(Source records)
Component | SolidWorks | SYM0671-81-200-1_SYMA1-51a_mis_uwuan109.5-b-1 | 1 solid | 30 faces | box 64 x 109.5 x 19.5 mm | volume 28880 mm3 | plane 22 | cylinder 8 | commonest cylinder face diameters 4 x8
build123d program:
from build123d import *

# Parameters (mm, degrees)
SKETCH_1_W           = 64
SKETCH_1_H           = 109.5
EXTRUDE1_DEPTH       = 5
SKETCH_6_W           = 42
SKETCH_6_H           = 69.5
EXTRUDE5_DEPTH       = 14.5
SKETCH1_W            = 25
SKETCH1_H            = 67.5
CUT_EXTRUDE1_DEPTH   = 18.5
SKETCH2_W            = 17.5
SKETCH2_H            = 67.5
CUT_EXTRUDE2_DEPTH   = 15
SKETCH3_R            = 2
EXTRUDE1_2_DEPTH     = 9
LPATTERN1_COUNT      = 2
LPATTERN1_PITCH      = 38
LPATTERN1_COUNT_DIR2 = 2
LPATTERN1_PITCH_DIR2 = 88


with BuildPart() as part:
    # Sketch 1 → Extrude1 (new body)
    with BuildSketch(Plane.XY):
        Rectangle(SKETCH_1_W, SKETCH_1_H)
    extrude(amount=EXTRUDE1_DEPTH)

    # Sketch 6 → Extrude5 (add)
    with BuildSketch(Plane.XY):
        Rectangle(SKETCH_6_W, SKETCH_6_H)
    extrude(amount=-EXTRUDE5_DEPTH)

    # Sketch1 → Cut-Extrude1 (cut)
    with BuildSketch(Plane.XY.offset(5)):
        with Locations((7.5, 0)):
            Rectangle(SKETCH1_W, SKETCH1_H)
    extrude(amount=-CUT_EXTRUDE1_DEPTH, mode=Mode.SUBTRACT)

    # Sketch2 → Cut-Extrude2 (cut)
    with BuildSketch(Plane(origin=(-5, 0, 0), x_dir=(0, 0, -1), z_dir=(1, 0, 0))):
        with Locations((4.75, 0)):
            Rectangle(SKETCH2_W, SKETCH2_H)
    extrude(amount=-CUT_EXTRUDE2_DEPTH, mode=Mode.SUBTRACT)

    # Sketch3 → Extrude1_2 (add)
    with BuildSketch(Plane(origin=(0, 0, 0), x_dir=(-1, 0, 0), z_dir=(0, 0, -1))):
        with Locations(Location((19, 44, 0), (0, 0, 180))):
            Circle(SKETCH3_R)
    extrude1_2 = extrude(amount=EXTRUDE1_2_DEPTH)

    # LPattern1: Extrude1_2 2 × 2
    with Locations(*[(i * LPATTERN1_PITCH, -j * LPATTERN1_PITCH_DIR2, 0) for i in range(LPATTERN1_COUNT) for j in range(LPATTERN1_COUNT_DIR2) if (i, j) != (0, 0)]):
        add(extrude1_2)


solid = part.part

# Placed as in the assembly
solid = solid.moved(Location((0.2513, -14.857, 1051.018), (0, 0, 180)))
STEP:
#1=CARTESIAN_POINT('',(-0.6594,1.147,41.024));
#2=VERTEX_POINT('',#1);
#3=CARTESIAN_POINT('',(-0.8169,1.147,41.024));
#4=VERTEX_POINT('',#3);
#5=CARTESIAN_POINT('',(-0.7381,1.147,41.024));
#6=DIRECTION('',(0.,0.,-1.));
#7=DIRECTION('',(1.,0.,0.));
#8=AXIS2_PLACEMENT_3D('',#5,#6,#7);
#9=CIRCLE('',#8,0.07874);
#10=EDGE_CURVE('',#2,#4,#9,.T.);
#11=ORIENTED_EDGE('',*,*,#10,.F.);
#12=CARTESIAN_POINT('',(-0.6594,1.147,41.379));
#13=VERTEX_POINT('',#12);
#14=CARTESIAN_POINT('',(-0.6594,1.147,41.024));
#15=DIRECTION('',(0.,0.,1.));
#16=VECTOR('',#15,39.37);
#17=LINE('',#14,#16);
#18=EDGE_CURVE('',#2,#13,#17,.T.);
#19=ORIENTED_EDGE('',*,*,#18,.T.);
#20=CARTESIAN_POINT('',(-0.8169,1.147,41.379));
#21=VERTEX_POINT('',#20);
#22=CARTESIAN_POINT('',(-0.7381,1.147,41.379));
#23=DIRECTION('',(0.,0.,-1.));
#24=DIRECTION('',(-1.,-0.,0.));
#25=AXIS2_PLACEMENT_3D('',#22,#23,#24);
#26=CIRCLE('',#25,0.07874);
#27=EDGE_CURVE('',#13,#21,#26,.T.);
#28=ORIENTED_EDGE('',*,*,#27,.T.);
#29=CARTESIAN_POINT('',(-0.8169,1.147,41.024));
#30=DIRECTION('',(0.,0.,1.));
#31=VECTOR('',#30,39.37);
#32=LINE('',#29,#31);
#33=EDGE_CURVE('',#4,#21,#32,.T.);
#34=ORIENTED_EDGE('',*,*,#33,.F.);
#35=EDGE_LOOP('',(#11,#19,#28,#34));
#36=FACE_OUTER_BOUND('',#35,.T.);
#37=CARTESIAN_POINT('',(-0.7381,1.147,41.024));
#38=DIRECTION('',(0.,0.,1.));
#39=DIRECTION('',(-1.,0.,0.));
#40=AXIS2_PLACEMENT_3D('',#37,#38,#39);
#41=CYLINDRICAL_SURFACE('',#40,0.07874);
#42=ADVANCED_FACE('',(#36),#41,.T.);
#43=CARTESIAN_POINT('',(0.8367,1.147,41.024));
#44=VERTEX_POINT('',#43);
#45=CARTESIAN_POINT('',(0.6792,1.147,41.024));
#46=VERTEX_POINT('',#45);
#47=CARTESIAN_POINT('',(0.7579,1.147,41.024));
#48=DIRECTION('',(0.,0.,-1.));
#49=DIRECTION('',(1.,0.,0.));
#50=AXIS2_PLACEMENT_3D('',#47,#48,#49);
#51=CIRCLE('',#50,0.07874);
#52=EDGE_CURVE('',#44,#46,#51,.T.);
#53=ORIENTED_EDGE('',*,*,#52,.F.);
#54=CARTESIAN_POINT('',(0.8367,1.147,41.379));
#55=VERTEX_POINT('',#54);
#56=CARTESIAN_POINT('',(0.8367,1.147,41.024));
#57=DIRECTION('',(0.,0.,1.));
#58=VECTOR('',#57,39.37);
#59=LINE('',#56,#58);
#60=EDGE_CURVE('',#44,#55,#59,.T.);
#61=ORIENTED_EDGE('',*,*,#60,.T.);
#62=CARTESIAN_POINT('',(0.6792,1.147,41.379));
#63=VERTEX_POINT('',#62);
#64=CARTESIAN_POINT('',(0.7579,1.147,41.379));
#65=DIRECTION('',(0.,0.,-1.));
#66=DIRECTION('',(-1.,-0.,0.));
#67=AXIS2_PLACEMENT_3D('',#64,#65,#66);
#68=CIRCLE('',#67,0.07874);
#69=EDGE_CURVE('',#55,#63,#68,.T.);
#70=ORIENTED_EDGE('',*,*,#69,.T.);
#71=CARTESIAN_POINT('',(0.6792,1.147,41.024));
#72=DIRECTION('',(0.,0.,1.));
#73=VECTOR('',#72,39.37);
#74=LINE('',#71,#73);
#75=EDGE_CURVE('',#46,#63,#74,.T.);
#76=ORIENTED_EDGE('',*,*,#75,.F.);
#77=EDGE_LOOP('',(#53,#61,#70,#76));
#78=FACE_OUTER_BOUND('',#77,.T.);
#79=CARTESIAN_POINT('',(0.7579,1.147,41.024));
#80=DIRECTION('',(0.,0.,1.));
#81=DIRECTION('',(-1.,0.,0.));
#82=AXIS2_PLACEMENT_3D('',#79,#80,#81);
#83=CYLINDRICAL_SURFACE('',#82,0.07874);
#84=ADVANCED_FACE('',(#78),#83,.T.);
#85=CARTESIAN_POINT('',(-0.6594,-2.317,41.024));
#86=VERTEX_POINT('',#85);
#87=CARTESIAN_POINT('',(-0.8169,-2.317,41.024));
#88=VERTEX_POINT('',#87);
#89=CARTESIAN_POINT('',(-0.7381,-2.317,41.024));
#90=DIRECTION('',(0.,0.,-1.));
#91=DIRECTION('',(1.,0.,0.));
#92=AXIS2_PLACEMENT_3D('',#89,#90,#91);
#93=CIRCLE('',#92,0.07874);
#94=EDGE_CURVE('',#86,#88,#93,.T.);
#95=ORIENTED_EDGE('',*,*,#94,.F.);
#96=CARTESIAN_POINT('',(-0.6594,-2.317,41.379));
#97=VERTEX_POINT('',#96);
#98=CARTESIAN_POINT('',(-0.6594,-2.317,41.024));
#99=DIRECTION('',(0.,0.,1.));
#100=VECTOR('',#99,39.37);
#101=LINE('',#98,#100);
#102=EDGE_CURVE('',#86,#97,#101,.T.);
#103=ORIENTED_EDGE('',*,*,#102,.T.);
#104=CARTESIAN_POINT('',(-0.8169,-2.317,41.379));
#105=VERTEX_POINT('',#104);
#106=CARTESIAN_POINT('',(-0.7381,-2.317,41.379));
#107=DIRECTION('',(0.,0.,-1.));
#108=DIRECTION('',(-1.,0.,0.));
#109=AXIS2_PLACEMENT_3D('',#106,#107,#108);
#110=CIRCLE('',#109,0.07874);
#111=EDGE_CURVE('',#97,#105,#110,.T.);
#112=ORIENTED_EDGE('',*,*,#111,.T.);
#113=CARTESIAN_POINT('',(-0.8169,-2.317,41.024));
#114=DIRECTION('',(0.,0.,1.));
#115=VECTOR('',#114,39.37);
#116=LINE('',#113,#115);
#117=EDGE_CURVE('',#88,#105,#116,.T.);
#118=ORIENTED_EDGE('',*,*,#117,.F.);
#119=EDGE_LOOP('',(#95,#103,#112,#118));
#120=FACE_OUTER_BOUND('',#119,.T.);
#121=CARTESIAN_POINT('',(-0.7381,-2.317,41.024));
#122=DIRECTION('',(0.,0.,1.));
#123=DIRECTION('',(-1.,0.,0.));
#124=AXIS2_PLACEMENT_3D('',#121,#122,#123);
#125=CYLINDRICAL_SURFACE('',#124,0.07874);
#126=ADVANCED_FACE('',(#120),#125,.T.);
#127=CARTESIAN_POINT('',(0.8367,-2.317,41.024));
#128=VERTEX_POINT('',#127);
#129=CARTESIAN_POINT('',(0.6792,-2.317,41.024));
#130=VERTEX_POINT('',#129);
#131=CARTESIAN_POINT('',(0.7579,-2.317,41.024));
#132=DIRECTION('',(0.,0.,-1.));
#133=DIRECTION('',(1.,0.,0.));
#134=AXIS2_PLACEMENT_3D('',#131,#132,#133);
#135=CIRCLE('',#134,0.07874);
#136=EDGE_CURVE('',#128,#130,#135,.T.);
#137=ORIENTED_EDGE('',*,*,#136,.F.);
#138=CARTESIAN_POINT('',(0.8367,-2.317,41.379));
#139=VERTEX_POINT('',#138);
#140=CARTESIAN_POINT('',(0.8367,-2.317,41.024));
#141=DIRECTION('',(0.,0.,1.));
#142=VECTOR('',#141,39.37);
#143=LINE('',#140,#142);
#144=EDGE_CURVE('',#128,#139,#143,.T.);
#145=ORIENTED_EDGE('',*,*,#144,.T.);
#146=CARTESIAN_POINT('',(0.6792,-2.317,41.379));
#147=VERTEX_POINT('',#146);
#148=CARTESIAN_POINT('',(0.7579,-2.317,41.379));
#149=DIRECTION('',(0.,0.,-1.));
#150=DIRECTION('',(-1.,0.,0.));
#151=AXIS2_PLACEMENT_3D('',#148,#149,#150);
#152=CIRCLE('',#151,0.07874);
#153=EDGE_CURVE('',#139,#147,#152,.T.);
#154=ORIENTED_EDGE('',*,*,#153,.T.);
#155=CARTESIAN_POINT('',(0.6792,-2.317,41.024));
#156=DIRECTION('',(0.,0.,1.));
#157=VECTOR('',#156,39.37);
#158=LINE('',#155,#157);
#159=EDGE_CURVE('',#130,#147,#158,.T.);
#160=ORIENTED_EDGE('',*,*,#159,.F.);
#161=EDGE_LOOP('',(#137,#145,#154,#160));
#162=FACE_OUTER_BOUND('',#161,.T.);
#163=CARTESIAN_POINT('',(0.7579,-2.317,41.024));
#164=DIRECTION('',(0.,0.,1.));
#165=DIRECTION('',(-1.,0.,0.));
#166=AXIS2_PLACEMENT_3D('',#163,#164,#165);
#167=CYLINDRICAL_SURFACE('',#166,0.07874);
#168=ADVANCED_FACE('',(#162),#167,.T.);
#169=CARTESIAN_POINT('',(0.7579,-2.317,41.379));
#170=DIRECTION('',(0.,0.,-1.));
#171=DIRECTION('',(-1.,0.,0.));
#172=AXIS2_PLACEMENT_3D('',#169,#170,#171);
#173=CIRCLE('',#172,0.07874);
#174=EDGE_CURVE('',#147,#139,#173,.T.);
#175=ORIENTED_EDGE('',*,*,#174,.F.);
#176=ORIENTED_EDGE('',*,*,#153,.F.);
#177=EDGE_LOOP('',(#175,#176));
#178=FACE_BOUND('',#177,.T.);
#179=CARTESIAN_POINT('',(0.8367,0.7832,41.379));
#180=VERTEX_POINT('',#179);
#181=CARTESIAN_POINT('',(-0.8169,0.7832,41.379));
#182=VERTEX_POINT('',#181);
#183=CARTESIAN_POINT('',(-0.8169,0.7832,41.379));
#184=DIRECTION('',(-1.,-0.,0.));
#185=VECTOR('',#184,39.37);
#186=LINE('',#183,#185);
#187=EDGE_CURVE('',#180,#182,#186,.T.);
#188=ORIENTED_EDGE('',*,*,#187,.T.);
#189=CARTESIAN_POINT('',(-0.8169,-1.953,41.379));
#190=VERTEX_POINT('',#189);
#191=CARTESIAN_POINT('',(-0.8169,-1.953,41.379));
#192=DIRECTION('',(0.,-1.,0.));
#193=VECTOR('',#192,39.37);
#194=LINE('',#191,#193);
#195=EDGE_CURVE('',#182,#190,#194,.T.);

→ **WHAT THIS TASK INVOLVES**: Using the entries above, give again exactly the lines from the line holding "#77=EDGE_LOOP('',(#53,#61,#70,#76));" through the line holding "#95=ORIENTED_EDGE('',*,*,#94,.F.);". Include both end lines and nothing else.

→ **RESULT FOR THIS TASK**:
#77=EDGE_LOOP('',(#53,#61,#70,#76));
#78=FACE_OUTER_BOUND('',#77,.T.);
#79=CARTESIAN_POINT('',(0.7579,1.147,41.024));
#80=DIRECTION('',(0.,0.,1.));
#81=DIRECTION('',(-1.,0.,0.));
#82=AXIS2_PLACEMENT_3D('',#79,#80,#81);
#83=CYLINDRICAL_SURFACE('',#82,0.07874);
#84=ADVANCED_FACE('',(#78),#83,.T.);
#85=CARTESIAN_POINT('',(-0.6594,-2.317,41.024));
#86=VERTEX_POINT('',#85);
#87=CARTESIAN_POINT('',(-0.8169,-2.317,41.024));
#88=VERTEX_POINT('',#87);
#89=CARTESIAN_POINT('',(-0.7381,-2.317,41.024));
#90=DIRECTION('',(0.,0.,-1.));
#91=DIRECTION('',(1.,0.,0.));
#92=AXIS2_PLACEMENT_3D('',#89,#90,#91);
#93=CIRCLE('',#92,0.07874);
#94=EDGE_CURVE('',#86,#88,#93,.T.);
#95=ORIENTED_EDGE('',*,*,#94,.F.);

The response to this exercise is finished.